►

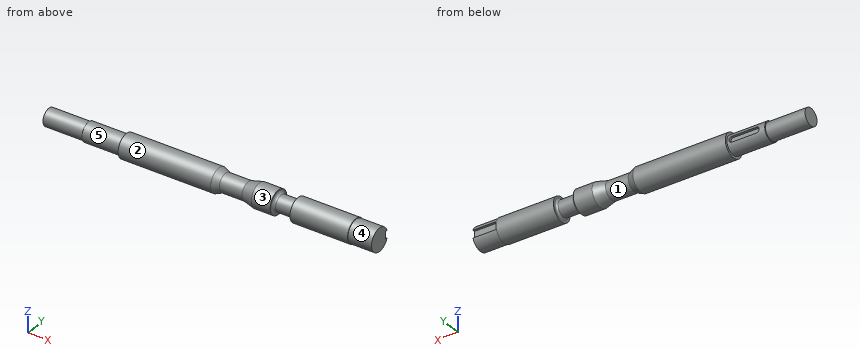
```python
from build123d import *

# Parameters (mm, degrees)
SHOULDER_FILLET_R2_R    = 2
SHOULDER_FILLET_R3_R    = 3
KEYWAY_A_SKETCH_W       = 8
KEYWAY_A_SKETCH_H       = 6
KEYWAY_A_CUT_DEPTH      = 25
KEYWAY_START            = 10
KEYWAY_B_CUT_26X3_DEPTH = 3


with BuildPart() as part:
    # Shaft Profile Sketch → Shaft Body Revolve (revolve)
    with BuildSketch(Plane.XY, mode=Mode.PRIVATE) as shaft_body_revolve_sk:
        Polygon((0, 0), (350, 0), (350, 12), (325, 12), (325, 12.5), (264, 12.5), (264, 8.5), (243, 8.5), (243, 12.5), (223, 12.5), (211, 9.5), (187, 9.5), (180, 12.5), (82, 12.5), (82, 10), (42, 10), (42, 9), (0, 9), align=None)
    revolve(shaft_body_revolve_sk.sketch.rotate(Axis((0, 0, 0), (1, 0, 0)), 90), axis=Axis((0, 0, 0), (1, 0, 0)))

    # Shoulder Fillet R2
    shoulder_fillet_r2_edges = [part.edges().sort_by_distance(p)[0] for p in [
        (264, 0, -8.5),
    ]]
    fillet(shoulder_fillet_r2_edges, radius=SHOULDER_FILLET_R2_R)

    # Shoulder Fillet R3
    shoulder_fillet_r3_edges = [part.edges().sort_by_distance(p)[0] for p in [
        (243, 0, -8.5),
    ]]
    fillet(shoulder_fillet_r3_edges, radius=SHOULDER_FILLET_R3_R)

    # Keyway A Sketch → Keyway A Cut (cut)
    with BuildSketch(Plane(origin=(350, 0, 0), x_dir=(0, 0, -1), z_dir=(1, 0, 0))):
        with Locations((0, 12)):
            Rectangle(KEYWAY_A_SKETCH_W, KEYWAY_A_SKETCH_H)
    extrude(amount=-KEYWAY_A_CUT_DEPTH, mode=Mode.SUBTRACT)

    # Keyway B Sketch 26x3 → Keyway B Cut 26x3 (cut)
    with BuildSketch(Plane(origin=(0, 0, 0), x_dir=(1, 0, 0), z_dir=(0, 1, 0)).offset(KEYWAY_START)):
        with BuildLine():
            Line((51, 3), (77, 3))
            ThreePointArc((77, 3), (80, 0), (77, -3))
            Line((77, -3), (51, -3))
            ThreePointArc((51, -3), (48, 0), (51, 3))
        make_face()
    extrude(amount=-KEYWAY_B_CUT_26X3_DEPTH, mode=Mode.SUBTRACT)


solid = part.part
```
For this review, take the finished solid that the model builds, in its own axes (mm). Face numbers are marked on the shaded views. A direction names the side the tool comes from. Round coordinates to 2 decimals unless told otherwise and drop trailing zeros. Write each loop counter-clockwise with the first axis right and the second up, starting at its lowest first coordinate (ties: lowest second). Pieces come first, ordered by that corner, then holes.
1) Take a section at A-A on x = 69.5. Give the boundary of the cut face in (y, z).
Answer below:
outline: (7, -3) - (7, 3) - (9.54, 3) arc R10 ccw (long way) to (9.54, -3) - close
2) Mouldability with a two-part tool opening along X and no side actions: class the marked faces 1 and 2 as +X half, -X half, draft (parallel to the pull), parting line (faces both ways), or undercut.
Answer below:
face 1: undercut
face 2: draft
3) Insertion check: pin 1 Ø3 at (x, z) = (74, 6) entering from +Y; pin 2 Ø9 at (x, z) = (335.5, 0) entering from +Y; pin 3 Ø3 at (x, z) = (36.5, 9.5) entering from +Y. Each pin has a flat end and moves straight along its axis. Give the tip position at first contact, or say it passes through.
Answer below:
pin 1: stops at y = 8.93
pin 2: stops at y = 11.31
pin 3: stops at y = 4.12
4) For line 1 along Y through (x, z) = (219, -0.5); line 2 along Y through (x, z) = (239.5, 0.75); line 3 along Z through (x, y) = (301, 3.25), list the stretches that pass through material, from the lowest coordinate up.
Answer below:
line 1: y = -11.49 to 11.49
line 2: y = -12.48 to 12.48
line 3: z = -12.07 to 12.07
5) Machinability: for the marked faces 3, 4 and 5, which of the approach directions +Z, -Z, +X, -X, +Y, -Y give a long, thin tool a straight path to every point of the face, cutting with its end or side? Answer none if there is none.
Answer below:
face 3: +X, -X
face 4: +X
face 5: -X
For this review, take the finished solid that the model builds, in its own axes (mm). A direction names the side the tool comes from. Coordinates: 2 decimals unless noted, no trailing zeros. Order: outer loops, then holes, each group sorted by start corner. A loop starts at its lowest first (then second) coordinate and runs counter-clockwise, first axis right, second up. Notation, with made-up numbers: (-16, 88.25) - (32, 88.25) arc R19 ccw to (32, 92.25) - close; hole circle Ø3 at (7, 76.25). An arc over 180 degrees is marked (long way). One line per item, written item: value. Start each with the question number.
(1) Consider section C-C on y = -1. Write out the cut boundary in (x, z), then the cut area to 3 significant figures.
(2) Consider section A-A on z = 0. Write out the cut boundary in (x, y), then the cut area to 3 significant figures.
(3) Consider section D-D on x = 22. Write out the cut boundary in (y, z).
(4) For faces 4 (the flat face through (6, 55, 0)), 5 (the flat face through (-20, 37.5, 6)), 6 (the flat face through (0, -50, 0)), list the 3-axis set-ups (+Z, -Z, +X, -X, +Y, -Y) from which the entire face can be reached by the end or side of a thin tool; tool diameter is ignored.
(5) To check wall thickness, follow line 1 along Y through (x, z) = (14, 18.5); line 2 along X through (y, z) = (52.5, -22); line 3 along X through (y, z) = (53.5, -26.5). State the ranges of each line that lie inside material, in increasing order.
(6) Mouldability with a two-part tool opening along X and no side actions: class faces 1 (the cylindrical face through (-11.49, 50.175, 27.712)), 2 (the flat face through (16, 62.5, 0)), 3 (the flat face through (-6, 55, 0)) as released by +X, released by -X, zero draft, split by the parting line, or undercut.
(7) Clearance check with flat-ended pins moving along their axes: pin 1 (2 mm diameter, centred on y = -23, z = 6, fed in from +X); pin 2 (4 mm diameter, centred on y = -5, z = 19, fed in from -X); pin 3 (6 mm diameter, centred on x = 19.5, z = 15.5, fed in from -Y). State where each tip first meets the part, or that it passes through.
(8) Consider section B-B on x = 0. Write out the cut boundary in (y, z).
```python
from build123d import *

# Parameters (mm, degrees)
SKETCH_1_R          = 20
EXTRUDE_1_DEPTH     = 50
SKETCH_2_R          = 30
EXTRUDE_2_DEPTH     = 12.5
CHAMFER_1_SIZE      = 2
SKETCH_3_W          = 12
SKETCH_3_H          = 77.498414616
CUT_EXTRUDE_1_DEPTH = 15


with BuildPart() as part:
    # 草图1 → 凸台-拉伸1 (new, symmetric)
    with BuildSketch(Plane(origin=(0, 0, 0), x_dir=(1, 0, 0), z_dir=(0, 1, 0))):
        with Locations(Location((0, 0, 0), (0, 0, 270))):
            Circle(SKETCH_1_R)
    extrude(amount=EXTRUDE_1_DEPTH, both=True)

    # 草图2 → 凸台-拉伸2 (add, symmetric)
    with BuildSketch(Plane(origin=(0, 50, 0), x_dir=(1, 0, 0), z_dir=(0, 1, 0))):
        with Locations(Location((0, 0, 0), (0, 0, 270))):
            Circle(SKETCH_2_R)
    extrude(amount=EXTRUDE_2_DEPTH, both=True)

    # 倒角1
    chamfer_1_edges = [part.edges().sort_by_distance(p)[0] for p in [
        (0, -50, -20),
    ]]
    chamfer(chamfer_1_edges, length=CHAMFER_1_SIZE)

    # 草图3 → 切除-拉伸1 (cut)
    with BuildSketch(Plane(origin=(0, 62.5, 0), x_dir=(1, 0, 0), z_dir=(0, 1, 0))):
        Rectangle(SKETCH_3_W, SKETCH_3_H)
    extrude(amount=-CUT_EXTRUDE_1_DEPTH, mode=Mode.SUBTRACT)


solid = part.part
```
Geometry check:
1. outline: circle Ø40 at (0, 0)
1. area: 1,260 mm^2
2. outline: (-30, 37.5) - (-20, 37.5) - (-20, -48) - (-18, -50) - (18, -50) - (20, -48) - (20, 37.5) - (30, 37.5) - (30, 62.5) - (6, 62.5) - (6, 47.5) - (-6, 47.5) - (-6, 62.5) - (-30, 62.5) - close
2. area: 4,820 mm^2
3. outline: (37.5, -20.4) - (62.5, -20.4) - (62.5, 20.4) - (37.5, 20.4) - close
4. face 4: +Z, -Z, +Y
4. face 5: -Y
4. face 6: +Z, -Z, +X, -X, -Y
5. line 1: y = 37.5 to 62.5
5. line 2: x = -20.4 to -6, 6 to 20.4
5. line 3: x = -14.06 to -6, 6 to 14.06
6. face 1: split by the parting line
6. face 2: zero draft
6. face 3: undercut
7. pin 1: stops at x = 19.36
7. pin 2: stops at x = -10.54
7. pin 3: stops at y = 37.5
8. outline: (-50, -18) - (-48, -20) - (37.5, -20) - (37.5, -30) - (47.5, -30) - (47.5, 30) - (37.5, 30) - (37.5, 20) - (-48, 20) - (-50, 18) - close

◄

**Your instructions**
Every line above that has the string "split" needs to be copied.

**Finished exercise**
(6) Mouldability with a two-part tool opening along X and no side actions: class faces 1 (the cylindrical face through (-11.49, 50.175, 27.712)), 2 (the flat face through (16, 62.5, 0)), 3 (the flat face through (-6, 55, 0)) as released by +X, released by -X, zero draft, split by the parting line, or undercut.
6. face 1: split by the parting line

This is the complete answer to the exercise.